- _Task description_: What lines in the records below hold the string "origin"? Please show them.

---------- Record extracts ----------

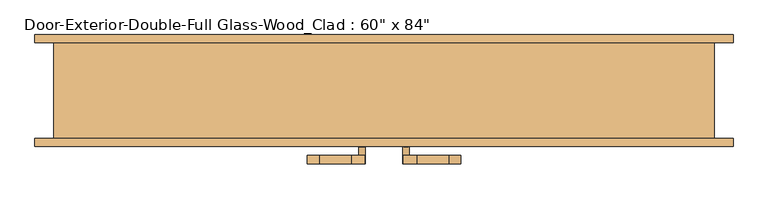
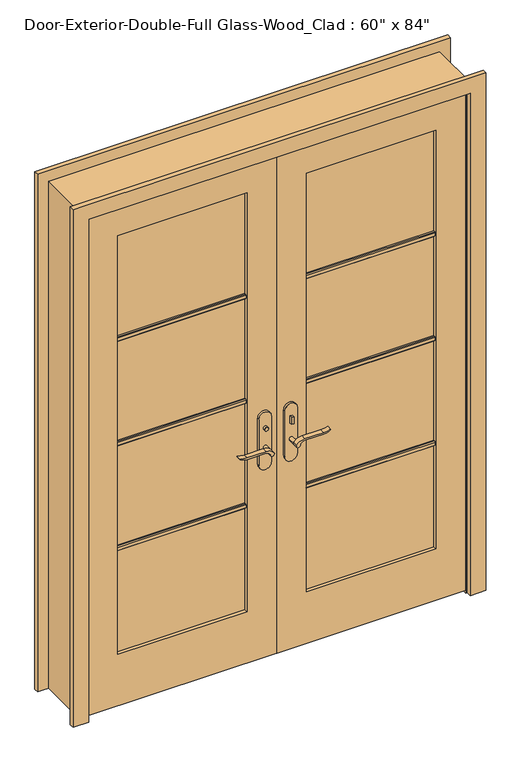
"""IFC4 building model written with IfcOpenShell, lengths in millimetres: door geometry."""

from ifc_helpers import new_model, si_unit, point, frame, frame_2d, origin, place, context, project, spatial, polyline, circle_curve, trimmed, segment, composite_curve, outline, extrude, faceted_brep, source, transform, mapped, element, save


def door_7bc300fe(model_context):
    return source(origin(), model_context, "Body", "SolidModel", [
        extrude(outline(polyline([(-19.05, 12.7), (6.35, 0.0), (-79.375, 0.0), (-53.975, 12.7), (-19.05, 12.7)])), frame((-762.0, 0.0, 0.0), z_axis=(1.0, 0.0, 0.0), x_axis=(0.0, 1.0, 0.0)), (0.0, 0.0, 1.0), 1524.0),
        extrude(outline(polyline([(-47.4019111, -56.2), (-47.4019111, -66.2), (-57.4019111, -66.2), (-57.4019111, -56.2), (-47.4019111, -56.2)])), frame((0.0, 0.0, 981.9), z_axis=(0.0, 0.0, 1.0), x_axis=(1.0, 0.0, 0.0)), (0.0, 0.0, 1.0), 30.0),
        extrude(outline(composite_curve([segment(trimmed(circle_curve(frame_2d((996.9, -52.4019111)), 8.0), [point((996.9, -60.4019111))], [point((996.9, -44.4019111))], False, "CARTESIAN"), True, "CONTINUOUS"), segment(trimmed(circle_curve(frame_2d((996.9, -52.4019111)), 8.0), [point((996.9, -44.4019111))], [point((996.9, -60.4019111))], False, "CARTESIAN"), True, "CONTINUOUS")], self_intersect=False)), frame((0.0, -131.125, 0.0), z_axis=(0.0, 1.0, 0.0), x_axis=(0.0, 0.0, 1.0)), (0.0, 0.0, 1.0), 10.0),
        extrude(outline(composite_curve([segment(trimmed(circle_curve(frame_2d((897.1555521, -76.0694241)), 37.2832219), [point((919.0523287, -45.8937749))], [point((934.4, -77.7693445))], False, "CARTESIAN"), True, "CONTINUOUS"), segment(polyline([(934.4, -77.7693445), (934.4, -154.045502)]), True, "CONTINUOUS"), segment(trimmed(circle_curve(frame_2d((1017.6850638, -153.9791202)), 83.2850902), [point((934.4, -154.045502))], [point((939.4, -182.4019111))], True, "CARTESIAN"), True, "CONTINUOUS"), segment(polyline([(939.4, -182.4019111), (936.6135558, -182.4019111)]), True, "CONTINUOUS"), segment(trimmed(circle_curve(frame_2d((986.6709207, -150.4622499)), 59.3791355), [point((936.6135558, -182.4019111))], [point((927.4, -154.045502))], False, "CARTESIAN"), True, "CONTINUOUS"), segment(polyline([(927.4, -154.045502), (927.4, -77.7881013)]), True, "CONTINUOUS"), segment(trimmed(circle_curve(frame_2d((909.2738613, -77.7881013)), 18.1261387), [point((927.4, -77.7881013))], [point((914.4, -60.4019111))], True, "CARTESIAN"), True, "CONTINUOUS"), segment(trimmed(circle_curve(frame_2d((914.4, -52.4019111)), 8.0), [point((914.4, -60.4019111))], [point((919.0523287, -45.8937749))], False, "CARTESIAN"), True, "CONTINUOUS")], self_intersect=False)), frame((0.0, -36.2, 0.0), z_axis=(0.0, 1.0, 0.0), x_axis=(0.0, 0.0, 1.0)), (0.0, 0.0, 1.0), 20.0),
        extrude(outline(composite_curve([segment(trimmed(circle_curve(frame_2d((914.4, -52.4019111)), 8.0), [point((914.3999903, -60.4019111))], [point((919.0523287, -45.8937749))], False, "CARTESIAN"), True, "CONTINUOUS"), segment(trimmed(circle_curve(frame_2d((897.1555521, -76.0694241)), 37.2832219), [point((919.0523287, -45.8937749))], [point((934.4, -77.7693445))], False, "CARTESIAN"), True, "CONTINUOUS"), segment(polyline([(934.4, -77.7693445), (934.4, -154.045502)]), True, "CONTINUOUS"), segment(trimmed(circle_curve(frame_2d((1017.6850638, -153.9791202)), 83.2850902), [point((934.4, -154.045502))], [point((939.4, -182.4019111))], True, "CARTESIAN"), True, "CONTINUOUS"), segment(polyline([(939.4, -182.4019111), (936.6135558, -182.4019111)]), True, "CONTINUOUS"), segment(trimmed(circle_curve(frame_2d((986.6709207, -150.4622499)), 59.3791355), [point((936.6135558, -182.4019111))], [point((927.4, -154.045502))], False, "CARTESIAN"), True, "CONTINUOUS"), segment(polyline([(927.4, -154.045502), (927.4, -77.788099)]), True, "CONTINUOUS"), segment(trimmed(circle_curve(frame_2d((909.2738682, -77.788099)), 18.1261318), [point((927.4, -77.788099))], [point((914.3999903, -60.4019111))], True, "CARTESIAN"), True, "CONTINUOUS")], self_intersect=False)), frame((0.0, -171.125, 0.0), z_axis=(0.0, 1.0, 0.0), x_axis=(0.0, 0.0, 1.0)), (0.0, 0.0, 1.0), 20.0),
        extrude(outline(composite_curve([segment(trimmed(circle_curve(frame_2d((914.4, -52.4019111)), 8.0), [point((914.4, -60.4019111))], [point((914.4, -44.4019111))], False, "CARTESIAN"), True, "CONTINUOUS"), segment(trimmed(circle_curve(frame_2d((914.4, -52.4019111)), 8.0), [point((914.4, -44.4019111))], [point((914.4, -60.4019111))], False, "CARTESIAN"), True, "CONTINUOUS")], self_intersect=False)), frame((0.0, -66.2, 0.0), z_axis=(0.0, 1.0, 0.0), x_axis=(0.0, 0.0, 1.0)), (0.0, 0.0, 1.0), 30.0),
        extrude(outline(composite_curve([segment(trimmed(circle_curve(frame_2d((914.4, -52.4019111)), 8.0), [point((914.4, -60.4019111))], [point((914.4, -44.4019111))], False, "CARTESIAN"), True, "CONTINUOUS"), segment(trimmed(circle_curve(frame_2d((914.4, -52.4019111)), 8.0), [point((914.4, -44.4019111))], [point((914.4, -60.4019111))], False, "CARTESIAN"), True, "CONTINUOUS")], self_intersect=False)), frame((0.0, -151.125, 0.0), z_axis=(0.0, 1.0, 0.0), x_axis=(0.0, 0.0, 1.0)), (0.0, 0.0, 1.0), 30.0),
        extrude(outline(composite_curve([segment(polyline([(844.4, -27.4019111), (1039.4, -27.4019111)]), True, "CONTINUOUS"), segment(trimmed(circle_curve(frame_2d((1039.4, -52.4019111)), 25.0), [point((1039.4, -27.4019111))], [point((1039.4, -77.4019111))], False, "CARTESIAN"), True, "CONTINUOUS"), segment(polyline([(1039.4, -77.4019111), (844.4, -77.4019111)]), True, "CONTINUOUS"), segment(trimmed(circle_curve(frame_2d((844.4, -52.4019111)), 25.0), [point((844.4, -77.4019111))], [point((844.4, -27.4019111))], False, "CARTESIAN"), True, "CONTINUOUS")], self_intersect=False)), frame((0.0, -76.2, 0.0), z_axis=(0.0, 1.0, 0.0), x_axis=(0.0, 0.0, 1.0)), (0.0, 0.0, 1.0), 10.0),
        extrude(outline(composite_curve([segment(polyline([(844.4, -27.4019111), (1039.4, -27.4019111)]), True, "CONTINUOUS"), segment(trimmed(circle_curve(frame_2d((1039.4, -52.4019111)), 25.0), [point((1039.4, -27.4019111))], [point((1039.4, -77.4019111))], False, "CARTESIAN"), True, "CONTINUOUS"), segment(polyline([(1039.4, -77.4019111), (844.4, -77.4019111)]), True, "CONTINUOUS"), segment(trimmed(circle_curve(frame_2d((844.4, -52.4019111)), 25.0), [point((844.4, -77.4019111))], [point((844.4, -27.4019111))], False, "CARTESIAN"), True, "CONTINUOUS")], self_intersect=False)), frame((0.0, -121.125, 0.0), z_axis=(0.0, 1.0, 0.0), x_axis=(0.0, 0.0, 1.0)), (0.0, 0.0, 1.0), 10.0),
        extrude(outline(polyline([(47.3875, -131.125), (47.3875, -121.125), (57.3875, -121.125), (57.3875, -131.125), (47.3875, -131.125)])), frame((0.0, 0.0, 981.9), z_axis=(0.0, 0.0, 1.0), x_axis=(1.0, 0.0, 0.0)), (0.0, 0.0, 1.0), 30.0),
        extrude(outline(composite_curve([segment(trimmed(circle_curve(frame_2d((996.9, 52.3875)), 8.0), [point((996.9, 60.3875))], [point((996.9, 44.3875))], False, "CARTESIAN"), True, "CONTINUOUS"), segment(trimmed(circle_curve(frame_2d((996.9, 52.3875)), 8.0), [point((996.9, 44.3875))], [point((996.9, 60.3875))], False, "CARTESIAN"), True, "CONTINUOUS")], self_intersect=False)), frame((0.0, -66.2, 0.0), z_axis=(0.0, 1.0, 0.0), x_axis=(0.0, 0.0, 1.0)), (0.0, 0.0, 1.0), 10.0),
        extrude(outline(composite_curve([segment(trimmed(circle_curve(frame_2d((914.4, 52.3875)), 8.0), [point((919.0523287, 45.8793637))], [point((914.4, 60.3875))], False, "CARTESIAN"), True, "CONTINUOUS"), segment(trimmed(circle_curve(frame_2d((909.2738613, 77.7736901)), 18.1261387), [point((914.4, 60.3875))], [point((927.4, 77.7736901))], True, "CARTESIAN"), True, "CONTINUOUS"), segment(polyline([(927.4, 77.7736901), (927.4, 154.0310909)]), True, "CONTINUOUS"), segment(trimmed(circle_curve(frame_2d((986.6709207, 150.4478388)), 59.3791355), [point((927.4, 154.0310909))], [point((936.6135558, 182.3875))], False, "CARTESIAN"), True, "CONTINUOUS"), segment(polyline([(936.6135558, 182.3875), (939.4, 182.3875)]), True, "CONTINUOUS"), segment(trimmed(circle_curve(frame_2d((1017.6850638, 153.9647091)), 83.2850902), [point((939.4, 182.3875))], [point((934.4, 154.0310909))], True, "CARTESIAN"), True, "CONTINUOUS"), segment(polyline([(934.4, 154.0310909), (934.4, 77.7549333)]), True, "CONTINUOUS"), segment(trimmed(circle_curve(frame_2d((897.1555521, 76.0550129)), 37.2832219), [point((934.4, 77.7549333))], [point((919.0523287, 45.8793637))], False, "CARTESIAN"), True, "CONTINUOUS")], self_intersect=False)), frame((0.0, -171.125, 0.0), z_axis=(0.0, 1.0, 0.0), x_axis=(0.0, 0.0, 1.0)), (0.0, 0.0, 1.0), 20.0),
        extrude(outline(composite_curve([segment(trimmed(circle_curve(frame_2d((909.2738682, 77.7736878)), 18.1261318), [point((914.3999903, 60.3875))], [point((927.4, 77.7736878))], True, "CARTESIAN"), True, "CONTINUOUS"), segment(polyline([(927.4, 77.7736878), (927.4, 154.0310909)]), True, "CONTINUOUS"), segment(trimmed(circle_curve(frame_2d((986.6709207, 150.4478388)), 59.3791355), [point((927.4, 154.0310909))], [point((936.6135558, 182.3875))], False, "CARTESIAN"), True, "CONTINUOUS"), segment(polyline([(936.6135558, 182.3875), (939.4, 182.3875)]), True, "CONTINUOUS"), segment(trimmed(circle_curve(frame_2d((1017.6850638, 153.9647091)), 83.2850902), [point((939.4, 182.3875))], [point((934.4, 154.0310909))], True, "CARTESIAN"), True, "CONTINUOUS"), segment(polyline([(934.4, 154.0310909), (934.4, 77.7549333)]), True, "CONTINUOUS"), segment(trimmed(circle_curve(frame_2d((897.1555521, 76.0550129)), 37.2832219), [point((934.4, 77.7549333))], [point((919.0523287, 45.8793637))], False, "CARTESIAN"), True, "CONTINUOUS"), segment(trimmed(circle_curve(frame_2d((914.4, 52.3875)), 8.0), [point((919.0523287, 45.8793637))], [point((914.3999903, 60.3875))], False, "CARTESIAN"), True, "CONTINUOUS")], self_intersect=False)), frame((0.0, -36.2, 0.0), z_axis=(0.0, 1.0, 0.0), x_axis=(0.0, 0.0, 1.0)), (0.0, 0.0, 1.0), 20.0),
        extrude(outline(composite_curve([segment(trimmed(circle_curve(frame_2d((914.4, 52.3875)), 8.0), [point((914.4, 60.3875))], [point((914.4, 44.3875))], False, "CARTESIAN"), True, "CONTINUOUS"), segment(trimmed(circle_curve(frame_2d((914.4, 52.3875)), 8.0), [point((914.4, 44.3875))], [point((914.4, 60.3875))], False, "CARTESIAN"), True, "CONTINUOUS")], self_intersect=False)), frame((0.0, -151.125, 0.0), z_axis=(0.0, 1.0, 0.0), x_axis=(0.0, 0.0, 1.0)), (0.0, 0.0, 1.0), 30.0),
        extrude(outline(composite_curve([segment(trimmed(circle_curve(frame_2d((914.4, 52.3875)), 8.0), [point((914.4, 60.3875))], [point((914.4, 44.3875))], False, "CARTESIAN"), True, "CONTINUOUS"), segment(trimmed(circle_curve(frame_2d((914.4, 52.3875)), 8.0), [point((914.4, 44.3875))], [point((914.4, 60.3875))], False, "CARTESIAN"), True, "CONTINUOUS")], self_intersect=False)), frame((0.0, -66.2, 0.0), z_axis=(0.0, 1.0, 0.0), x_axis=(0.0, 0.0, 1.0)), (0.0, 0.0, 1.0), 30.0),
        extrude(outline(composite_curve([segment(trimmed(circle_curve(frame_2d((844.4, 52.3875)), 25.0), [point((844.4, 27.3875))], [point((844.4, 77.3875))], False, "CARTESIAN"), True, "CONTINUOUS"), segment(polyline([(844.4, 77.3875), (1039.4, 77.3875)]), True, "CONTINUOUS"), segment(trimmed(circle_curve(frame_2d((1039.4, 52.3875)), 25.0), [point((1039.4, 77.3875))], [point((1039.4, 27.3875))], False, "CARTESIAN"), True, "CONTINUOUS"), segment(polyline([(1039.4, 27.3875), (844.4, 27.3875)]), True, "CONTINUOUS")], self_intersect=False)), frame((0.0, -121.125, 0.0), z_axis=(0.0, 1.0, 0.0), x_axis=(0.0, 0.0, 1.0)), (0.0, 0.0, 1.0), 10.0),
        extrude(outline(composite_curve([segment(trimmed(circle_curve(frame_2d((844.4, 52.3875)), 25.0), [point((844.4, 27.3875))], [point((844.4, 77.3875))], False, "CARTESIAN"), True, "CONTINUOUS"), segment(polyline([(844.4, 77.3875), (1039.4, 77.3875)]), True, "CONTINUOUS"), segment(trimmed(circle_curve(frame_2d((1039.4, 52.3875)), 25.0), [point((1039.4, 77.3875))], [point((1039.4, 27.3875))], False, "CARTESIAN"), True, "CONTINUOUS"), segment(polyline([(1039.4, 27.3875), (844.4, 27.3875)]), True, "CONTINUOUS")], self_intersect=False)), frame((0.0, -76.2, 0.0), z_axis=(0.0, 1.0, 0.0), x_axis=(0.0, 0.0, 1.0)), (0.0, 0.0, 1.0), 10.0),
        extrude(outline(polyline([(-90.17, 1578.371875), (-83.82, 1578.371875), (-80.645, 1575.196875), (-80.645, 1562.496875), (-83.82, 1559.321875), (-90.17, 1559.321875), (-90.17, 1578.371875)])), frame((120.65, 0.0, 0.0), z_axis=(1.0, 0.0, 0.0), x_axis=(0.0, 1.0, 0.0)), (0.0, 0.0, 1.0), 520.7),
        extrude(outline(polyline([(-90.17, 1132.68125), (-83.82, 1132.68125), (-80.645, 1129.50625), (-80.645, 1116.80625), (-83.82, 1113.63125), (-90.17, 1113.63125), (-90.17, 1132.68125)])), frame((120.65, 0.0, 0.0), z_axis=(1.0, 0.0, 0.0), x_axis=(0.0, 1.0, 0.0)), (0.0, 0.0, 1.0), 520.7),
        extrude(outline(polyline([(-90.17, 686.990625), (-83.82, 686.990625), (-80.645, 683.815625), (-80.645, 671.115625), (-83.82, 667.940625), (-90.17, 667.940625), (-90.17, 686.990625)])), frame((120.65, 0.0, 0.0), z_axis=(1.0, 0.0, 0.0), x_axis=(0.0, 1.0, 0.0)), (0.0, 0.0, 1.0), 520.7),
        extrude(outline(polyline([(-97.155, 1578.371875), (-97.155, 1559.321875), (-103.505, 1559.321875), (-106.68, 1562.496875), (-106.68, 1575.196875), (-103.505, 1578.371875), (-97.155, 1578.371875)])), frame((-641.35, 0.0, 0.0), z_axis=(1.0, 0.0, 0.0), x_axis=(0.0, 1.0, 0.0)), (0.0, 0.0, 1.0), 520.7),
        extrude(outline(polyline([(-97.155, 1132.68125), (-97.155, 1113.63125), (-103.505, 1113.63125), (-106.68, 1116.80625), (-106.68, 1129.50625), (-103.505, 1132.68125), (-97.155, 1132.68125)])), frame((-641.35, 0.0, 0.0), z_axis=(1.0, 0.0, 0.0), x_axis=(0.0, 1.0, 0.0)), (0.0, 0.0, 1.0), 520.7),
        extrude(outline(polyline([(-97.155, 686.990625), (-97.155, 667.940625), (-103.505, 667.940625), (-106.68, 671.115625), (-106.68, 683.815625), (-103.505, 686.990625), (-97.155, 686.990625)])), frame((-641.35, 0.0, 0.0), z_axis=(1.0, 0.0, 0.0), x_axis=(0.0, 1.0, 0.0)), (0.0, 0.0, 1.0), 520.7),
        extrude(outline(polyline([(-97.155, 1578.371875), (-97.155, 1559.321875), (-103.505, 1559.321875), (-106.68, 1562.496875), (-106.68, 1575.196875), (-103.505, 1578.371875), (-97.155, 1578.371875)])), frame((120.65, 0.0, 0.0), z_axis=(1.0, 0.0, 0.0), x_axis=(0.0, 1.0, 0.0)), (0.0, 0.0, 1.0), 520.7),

----------

- _The completed task_:
from ifc_helpers import new_model, si_unit, point, frame, frame_2d, origin, place, context, project, spatial, polyline, circle_curve, trimmed, segment, composite_curve, outline, extrude, faceted_brep, source, transform, mapped, element, save
    return source(origin(), model_context, "Body", "SolidModel", [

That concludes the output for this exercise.